*ABOUT THIS EXERCISE:* Please take the records that follow and repeat exactly the lines starting with the line with "2. face 2: zero draft" and going on through the line with "3. outline: (-2, 0)".

[Stored data]
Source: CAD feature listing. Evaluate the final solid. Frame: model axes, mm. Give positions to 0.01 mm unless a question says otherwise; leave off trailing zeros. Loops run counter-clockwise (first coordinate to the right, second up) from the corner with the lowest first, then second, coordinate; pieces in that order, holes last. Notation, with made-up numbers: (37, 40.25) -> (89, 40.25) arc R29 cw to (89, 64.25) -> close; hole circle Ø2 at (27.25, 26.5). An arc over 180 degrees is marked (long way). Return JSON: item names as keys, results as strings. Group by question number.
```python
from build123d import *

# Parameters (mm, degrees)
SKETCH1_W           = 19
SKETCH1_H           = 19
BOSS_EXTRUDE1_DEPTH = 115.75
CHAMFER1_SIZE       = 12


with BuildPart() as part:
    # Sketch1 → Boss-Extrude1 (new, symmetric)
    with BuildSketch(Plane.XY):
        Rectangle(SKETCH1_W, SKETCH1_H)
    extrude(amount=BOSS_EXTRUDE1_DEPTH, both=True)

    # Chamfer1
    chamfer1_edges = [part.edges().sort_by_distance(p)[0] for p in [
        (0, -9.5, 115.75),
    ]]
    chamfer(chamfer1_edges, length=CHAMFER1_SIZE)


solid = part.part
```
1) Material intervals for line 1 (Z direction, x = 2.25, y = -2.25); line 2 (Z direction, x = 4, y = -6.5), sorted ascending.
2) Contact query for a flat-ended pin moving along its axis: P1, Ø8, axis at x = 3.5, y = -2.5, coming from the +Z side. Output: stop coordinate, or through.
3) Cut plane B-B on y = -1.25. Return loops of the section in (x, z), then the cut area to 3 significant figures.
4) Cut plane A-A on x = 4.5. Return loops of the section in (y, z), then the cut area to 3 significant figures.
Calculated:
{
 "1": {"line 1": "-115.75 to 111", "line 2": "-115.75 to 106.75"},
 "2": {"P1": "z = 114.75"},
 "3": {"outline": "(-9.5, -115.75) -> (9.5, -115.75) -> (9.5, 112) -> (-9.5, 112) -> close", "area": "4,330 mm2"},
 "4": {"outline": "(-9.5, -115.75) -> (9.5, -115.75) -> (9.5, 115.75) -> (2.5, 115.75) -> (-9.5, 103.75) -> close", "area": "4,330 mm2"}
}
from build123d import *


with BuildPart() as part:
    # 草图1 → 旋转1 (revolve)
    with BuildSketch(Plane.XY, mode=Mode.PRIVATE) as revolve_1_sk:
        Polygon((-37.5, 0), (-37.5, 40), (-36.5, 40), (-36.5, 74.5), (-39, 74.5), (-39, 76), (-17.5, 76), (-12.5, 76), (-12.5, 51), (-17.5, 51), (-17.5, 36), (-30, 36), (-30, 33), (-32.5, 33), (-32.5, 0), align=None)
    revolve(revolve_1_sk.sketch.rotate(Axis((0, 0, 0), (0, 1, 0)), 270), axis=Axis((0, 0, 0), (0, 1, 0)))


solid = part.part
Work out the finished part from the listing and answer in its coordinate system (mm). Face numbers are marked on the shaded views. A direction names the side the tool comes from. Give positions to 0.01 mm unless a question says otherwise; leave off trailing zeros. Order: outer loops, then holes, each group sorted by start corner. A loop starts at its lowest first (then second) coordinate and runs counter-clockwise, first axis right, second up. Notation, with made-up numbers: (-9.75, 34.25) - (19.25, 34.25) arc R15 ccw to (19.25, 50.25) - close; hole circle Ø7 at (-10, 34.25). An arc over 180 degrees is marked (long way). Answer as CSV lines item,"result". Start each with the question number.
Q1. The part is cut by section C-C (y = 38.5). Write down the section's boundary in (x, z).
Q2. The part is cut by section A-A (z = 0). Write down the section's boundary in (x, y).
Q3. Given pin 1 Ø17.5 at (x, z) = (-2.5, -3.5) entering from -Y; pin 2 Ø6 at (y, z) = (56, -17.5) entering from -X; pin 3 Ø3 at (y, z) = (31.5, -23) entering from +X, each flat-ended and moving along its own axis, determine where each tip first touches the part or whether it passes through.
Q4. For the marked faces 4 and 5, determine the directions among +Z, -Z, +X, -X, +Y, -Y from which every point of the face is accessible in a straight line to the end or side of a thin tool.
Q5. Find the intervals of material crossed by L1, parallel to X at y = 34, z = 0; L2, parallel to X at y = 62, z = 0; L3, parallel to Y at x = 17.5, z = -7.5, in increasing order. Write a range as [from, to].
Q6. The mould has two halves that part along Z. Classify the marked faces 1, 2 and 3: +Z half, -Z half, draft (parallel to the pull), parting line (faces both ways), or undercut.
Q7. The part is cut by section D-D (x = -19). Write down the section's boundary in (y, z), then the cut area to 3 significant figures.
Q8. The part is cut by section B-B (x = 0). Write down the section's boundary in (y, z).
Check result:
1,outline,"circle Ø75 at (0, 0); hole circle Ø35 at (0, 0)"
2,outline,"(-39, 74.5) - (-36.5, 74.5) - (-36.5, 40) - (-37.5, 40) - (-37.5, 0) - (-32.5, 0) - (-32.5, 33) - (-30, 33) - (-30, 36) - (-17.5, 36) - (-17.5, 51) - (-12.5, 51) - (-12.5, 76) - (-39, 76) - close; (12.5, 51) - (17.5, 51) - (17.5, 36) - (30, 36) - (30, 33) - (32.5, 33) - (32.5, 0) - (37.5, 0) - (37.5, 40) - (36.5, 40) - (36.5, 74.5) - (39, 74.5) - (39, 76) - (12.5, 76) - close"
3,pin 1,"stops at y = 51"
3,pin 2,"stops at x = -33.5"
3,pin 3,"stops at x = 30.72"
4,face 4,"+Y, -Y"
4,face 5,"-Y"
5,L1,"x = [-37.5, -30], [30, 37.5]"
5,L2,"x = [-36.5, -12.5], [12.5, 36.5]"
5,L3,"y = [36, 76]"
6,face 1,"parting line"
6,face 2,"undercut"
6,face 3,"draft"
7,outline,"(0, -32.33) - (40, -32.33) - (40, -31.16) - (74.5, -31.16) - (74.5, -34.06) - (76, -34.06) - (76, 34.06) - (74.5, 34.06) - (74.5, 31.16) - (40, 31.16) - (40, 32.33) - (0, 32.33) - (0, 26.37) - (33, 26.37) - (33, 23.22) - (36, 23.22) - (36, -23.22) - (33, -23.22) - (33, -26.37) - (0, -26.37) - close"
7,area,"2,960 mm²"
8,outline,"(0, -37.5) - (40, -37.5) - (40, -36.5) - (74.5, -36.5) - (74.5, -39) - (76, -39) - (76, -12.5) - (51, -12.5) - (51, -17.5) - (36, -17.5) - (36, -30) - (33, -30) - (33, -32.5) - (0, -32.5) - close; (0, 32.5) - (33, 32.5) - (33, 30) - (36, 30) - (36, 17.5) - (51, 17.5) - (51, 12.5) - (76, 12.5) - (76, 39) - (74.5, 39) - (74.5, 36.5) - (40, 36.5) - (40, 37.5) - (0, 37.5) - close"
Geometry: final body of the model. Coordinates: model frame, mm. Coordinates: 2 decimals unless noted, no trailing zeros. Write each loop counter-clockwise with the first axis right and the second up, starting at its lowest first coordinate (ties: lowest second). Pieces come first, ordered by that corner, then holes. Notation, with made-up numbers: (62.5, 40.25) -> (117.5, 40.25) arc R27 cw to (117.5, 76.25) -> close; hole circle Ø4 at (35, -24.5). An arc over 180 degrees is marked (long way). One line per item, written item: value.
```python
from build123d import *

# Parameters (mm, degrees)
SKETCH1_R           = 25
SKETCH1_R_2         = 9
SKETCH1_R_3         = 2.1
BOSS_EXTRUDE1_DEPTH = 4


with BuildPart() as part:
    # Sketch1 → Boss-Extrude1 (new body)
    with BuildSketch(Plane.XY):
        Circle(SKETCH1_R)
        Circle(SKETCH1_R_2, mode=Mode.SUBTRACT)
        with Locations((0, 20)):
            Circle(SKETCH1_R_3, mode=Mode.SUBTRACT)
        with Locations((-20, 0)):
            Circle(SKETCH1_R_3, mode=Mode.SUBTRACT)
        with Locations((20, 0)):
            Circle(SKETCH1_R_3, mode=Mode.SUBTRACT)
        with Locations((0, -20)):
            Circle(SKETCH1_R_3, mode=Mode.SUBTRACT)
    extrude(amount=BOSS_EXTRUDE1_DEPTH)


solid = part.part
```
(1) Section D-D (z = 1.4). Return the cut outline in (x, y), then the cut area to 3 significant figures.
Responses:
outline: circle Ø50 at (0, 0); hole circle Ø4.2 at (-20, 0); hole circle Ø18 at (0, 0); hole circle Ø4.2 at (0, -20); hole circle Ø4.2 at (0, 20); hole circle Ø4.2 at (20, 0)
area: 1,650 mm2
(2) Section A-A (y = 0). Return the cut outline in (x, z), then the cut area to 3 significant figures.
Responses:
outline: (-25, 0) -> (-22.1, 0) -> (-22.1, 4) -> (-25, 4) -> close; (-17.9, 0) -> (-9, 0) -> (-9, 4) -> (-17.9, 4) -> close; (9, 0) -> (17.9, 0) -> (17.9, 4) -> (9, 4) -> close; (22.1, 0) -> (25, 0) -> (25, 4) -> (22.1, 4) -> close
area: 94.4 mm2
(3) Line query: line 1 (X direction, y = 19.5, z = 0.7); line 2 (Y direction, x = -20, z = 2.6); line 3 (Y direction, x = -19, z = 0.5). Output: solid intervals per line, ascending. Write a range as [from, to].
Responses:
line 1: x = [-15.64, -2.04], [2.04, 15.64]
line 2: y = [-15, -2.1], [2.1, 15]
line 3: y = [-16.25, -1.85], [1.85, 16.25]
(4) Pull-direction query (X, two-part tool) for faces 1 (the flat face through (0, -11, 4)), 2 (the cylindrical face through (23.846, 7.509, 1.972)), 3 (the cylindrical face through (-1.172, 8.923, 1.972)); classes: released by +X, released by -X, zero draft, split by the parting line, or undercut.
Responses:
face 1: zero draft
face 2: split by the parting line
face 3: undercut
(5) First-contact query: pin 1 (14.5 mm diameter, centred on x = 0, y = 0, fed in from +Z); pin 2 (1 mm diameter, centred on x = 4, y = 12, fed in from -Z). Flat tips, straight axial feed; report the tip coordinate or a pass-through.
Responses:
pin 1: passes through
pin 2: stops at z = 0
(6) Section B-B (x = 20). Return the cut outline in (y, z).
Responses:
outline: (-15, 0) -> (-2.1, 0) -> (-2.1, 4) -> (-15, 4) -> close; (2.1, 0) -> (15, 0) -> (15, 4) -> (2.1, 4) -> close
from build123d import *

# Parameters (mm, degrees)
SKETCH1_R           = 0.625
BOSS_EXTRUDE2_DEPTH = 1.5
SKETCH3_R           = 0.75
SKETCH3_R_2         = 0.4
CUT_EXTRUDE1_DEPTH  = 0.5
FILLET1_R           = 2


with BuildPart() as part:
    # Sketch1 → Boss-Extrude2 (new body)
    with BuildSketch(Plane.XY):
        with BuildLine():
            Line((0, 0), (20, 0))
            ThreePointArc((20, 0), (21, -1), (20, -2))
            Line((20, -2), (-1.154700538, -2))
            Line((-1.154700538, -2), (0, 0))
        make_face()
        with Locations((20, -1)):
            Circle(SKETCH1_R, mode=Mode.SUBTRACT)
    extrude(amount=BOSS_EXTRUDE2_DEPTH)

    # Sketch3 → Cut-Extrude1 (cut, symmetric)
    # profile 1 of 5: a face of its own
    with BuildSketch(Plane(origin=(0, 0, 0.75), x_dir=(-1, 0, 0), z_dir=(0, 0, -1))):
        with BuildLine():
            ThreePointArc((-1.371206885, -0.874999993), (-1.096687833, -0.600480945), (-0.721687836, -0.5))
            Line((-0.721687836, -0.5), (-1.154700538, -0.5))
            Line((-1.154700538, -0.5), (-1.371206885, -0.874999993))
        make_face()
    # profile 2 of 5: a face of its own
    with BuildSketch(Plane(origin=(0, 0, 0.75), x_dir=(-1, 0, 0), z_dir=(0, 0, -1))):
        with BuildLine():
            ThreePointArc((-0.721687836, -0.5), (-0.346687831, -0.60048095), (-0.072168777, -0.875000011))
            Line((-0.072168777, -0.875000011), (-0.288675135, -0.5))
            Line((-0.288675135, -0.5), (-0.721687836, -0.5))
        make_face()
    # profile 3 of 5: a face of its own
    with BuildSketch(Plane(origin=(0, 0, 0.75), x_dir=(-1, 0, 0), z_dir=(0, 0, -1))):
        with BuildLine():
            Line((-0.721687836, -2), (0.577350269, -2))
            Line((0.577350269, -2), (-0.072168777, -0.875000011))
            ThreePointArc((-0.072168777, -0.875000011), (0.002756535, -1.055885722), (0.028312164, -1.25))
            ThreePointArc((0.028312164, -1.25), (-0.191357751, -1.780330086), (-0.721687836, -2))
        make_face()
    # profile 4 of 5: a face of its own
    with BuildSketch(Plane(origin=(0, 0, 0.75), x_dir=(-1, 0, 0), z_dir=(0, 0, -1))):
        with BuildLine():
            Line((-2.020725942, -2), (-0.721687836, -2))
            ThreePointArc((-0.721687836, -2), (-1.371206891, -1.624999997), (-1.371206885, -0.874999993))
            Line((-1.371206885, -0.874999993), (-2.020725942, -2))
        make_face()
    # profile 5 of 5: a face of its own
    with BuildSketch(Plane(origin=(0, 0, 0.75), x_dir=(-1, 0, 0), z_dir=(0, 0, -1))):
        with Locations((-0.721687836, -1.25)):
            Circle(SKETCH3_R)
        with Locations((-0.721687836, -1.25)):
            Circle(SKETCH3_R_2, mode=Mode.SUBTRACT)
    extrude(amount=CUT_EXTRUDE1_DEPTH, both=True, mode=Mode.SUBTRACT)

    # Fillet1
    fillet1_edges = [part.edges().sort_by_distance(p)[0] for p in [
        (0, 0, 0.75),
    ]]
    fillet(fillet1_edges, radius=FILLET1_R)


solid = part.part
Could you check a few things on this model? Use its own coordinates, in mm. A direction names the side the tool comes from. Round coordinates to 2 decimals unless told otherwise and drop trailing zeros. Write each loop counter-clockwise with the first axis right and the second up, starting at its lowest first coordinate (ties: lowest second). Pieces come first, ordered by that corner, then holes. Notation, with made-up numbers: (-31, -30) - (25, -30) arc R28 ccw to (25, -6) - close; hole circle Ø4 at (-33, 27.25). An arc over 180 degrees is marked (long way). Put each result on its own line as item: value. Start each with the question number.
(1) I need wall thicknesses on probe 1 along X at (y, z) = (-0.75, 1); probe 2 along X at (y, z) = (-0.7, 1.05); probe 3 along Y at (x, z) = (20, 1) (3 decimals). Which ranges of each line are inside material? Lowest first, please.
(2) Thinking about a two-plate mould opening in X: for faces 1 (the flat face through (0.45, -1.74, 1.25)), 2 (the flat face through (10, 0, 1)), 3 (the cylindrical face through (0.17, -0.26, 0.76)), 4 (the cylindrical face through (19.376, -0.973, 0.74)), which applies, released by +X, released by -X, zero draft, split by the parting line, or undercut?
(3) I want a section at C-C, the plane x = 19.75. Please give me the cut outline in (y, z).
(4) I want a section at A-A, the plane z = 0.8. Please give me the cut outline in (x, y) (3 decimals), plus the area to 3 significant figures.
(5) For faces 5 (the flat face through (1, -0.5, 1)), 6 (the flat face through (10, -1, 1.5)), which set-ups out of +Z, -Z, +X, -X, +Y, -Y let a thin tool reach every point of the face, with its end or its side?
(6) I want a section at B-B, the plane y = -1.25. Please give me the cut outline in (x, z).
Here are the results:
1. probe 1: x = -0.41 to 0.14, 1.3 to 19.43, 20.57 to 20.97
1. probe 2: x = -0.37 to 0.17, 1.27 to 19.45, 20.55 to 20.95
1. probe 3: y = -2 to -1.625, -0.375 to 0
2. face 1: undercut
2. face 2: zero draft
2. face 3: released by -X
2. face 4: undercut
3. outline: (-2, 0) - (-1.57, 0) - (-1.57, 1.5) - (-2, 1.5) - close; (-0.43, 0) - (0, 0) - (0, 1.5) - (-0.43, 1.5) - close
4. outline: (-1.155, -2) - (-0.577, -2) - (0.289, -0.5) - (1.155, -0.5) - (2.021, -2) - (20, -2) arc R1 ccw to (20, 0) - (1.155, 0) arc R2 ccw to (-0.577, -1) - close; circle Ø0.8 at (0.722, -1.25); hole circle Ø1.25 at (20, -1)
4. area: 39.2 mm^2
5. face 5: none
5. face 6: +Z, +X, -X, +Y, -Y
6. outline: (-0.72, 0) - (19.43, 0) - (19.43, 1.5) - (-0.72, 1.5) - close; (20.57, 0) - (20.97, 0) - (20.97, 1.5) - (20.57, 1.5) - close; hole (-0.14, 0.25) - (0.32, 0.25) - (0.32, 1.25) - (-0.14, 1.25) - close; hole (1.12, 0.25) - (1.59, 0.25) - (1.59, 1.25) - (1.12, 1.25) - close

*RESPONSE:*
2. face 2: zero draft
2. face 3: released by -X
2. face 4: undercut
3. outline: (-2, 0) - (-1.57, 0) - (-1.57, 1.5) - (-2, 1.5) - close; (-0.43, 0) - (0, 0) - (0, 1.5) - (-0.43, 1.5) - close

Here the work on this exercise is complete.